__WHAT THIS TASK INVOLVES__
Find the string "sketch" in the data, and copy out each line that has it.

___ RECORDS TO PROCESS ___

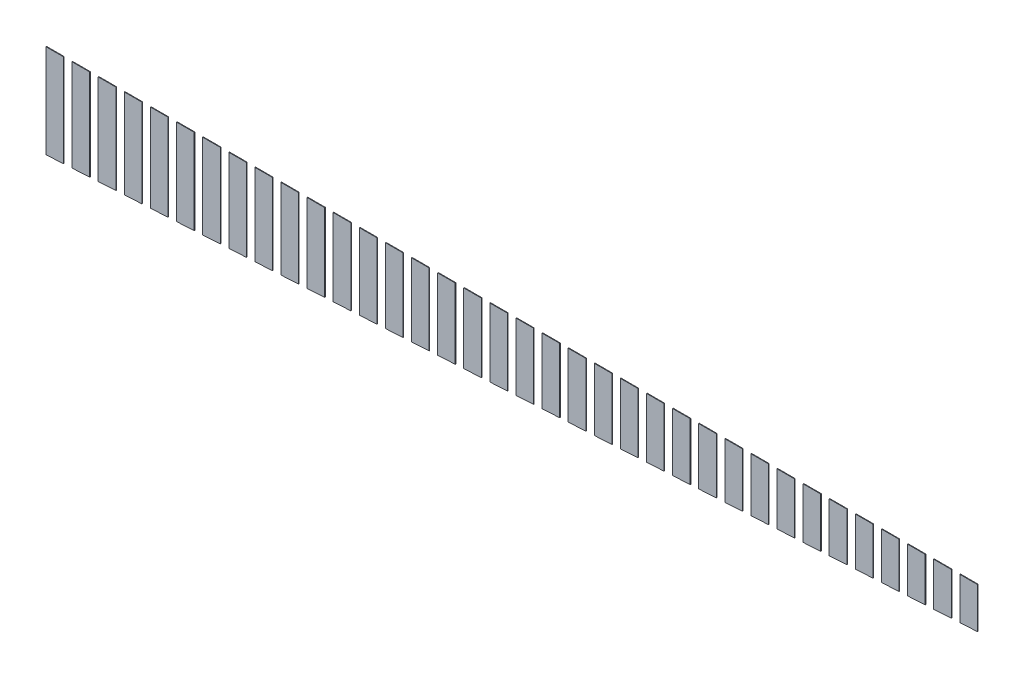
SolidWorks part; units mm, degrees
material "AISI 316 stainless steel plate (SS)"
ref_plane "Front Plane" through (0, 0, 0) normal (0, 0, 1) x (1, 0, 0)
ref_plane "Top Plane" through (0, 0, 0) normal (0, 1, 0) x (1, 0, 0)
ref_plane "Right Plane" through (0, 0, 0) normal (1, 0, 0) x (0, 0, -1)
other "Configuration Table"
sketch "Sketch1" plane through (0, 0, 0) normal (0, 0, 1) x (1, 0, 0)
  line L1 (-89.25, -9.5) -> (89.25, -9.5)
  line L2 (-89.25, -9.5) -> (-89.25, 9.5)
  line L3 (-89.25, 9.5) -> (89.25, 9.5)
  line L4 (89.25, -9.5) -> (89.25, 9.5)
  line L5 (-89.25, -9.5) -> (89.25, 9.5) construction
  line L6 (-89.25, 9.5) -> (89.25, -9.5) construction
  point P0 (0, 0)
  dimension "D1" = 19
  dimension "D2" = 178.5
extrude "Boss-Extrude1" add sketch "Sketch1" along normal blind 0.1
sketch "Sketch2" plane through (0, 0, 0.1) normal (0, 0, 1) x (1, 0, 0)
  line L0 (-77.71, 7.7) -> (-74.81, 7.7)
  line L5 (-104.7623, 25.4127) -> (109.6999, 25.4127)
  line L6 (-104.7623, 25.4127) -> (-104.7623, -33.1406)
  line L349 (-104.7623, -33.1406) -> (109.6999, -33.1406)
  line L350 (109.6999, 25.4127) -> (109.6999, -33.1406)
  line L351 (-74.81, 7.7) -> (-74.81, -7.5475)
  line L352 (-77.71, -7.7116) -> (-74.81, -7.5475)
  line L353 (-77.71, 7.7) -> (-77.71, -7.7116)
  line L354 (-73.41, 7.7) -> (-70.51, 7.7)
  line L355 (-70.51, 7.7) -> (-70.51, -7.3041)
  line L356 (-73.41, -7.4682) -> (-70.51, -7.3041)
  line L357 (-73.41, 7.7) -> (-73.41, -7.4682)
  line L358 (-69.11, 7.7) -> (-66.21, 7.7)
  line L359 (-66.21, 7.7) -> (-66.21, -7.0606)
  line L360 (-69.11, -7.2248) -> (-66.21, -7.0606)
  line L361 (-69.11, 7.7) -> (-69.11, -7.2248)
  line L362 (-64.81, 7.7) -> (-61.91, 7.7)
  line L363 (-61.91, 7.7) -> (-61.91, -6.8172)
  line L364 (-64.81, -6.9814) -> (-61.91, -6.8172)
  line L365 (-64.81, 7.7) -> (-64.81, -6.9814)
  line L366 (-60.51, 7.7) -> (-57.61, 7.7)
  line L367 (-57.61, 7.7) -> (-57.61, -6.5738)
  line L368 (-60.51, -6.738) -> (-57.61, -6.5738)
  line L369 (-60.51, 7.7) -> (-60.51, -6.738)
  line L370 (-56.21, 7.7) -> (-53.31, 7.7)
  line L371 (-53.31, 7.7) -> (-53.31, -6.3304)
  line L372 (-56.21, -6.4945) -> (-53.31, -6.3304)
  line L374 (-56.21, 7.7) -> (-56.21, -6.4945)
  line L375 (-51.91, 7.7) -> (-49.01, 7.7)
  line L376 (-49.01, 7.7) -> (-49.01, -6.087)
  line L377 (-51.91, -6.2511) -> (-49.01, -6.087)
  line L386 (-51.91, 7.7) -> (-51.91, -6.2511)
  line L387 (-47.61, 7.7) -> (-44.71, 7.7)
  line L388 (-44.71, 7.7) -> (-44.71, -5.8435)
  line L389 (-47.61, -6.0077) -> (-44.71, -5.8435)
  line L390 (-47.61, 7.7) -> (-47.61, -6.0077)
  line L391 (-43.31, 7.7) -> (-40.41, 7.7)
  line L393 (-40.41, 7.7) -> (-40.41, -5.6001)
  line L431 (-43.31, -5.7643) -> (-40.41, -5.6001)
  line L432 (-43.31, 7.7) -> (-43.31, -5.7643)
  line L433 (-39.01, 7.7) -> (-36.11, 7.7)
  line L434 (-36.11, 7.7) -> (-36.11, -5.3567)
  line L435 (-39.01, -5.5209) -> (-36.11, -5.3567)
  line L436 (-39.01, 7.7) -> (-39.01, -5.5209)
  line L437 (-34.71, 7.7) -> (-31.81, 7.7)
  line L438 (-31.81, 7.7) -> (-31.81, -5.1133)
  line L439 (-34.71, -5.2775) -> (-31.81, -5.1133)
  line L440 (-34.71, 7.7) -> (-34.71, -5.2775)
  line L441 (-30.41, 7.7) -> (-27.51, 7.7)
  line L442 (-27.51, 7.7) -> (-27.51, -4.8699)
  line L443 (-30.41, -5.034) -> (-27.51, -4.8699)
  line L444 (-30.41, 7.7) -> (-30.41, -5.034)
  line L445 (-26.11, 7.7) -> (-23.21, 7.7)
  line L446 (-23.21, 7.7) -> (-23.21, -4.6265)
  line L447 (-26.11, -4.7906) -> (-23.21, -4.6265)
  line L448 (-26.11, 7.7) -> (-26.11, -4.7906)
  line L449 (-21.81, 7.7) -> (-18.91, 7.7)
  line L450 (-18.91, 7.7) -> (-18.91, -4.383)
  line L451 (-21.81, -4.5472) -> (-18.91, -4.383)
  line L452 (-21.81, 7.7) -> (-21.81, -4.5472)
  line L453 (-17.51, 7.7) -> (-14.61, 7.7)
  line L454 (-14.61, 7.7) -> (-14.61, -4.1396)
  line L455 (-17.51, -4.3038) -> (-14.61, -4.1396)
  line L456 (-17.51, 7.7) -> (-17.51, -4.3038)
  line L457 (-13.21, 7.7) -> (-10.31, 7.7)
  line L458 (-10.31, 7.7) -> (-10.31, -3.8962)
  line L459 (-13.21, -4.0604) -> (-10.31, -3.8962)
  line L460 (-13.21, 7.7) -> (-13.21, -4.0604)
  line L461 (-8.91, 7.7) -> (-6.01, 7.7)
  line L462 (-6.01, 7.7) -> (-6.01, -3.6528)
  line L463 (-8.91, -3.8169) -> (-6.01, -3.6528)
  line L464 (-8.91, 7.7) -> (-8.91, -3.8169)
  line L465 (-4.61, 7.7) -> (-1.71, 7.7)
  line L466 (-1.71, 7.7) -> (-1.71, -3.4094)
  line L467 (-4.61, -3.5735) -> (-1.71, -3.4094)
  line L468 (-4.61, 7.7) -> (-4.61, -3.5735)
  line L469 (-0.31, 7.7) -> (2.59, 7.7)
  line L470 (2.59, 7.7) -> (2.59, -3.1659)
  line L471 (-0.31, -3.3301) -> (2.59, -3.1659)
  line L472 (-0.31, 7.7) -> (-0.31, -3.3301)
  line L473 (3.99, 7.7) -> (6.89, 7.7)
  line L474 (6.89, 7.7) -> (6.89, -2.9225)
  line L475 (3.99, -3.0867) -> (6.89, -2.9225)
  line L476 (3.99, 7.7) -> (3.99, -3.0867)
  line L477 (8.29, 7.7) -> (11.19, 7.7)
  line L478 (11.19, 7.7) -> (11.19, -2.6791)
  line L479 (8.29, -2.8433) -> (11.19, -2.6791)
  line L480 (8.29, 7.7) -> (8.29, -2.8433)
  line L481 (12.59, 7.7) -> (15.49, 7.7)
  line L482 (15.49, 7.7) -> (15.49, -2.4357)
  line L483 (12.59, -2.5998) -> (15.49, -2.4357)
  line L484 (12.59, 7.7) -> (12.59, -2.5998)
  line L485 (16.89, 7.7) -> (19.79, 7.7)
  line L486 (19.79, 7.7) -> (19.79, -2.1923)
  line L487 (16.89, -2.3564) -> (19.79, -2.1923)
  line L488 (16.89, 7.7) -> (16.89, -2.3564)
  line L489 (21.19, 7.7) -> (24.09, 7.7)
  line L490 (24.09, 7.7) -> (24.09, -1.9488)
  line L491 (21.19, -2.113) -> (24.09, -1.9488)
  line L492 (21.19, 7.7) -> (21.19, -2.113)
  line L493 (25.49, 7.7) -> (28.39, 7.7)
  line L494 (28.39, 7.7) -> (28.39, -1.7054)
  line L495 (25.49, -1.8696) -> (28.39, -1.7054)
  line L496 (25.49, 7.7) -> (25.49, -1.8696)
  line L497 (29.79, 7.7) -> (32.69, 7.7)
  line L498 (32.69, 7.7) -> (32.69, -1.462)
  line L499 (29.79, -1.6262) -> (32.69, -1.462)
  line L500 (29.79, 7.7) -> (29.79, -1.6262)
  line L501 (34.09, 7.7) -> (36.99, 7.7)
  line L502 (36.99, 7.7) -> (36.99, -1.2186)
  line L503 (34.09, -1.3828) -> (36.99, -1.2186)
  line L504 (34.09, 7.7) -> (34.09, -1.3828)
  line L505 (38.39, 7.7) -> (41.29, 7.7)
  line L506 (41.29, 7.7) -> (41.29, -0.9752)
  line L507 (38.39, -1.1393) -> (41.29, -0.9752)
  line L508 (38.39, 7.7) -> (38.39, -1.1393)
  line L509 (42.69, 7.7) -> (45.59, 7.7)
  line L510 (45.59, 7.7) -> (45.59, -0.7317)
  line L511 (42.69, -0.8959) -> (45.59, -0.7317)
  line L512 (42.69, 7.7) -> (42.69, -0.8959)
  line L513 (46.99, 7.7) -> (49.89, 7.7)
  line L514 (49.89, 7.7) -> (49.89, -0.4883)
  line L515 (46.99, -0.6525) -> (49.89, -0.4883)
  line L516 (46.99, 7.7) -> (46.99, -0.6525)
  line L517 (51.29, 7.7) -> (54.19, 7.7)
  line L518 (54.19, 7.7) -> (54.19, -0.2449)
  line L519 (51.29, -0.4091) -> (54.19, -0.2449)
  line L520 (51.29, 7.7) -> (51.29, -0.4091)
  line L521 (55.59, 7.7) -> (58.49, 7.7)
  line L522 (58.49, 7.7) -> (58.49, -0.0015)
  line L523 (55.59, -0.1657) -> (58.49, -0.0015)
  line L524 (55.59, 7.7) -> (55.59, -0.1657)
  line L525 (59.89, 7.7) -> (62.79, 7.7)
  line L526 (62.79, 7.7) -> (62.79, 0.2419)
  line L527 (59.89, 0.0778) -> (62.79, 0.2419)
  line L528 (59.89, 7.7) -> (59.89, 0.0778)
  line L529 (64.19, 7.7) -> (67.09, 7.7)
  line L530 (67.09, 7.7) -> (67.09, 0.4853)
  line L531 (64.19, 0.3212) -> (67.09, 0.4853)
  line L532 (64.19, 7.7) -> (64.19, 0.3212)
  line L533 (68.49, 7.7) -> (71.39, 7.7)
  line L534 (71.39, 7.7) -> (71.39, 0.7288)
  line L535 (68.49, 0.5646) -> (71.39, 0.7288)
  line L536 (68.49, 7.7) -> (68.49, 0.5646)
  line L537 (72.79, 7.7) -> (75.69, 7.7)
  line L538 (75.69, 7.7) -> (75.69, 0.9722)
  line L539 (72.79, 0.808) -> (75.69, 0.9722)
  line L540 (72.79, 7.7) -> (72.79, 0.808)
extrude "Cut-Extrude1" cut sketch "Sketch2" against normal blind 10

___

__TASK OUTPUT__
sketch "Sketch1" plane through (0, 0, 0) normal (0, 0, 1) x (1, 0, 0)
extrude "Boss-Extrude1" add sketch "Sketch1" along normal blind 0.1
sketch "Sketch2" plane through (0, 0, 0.1) normal (0, 0, 1) x (1, 0, 0)
extrude "Cut-Extrude1" cut sketch "Sketch2" against normal blind 10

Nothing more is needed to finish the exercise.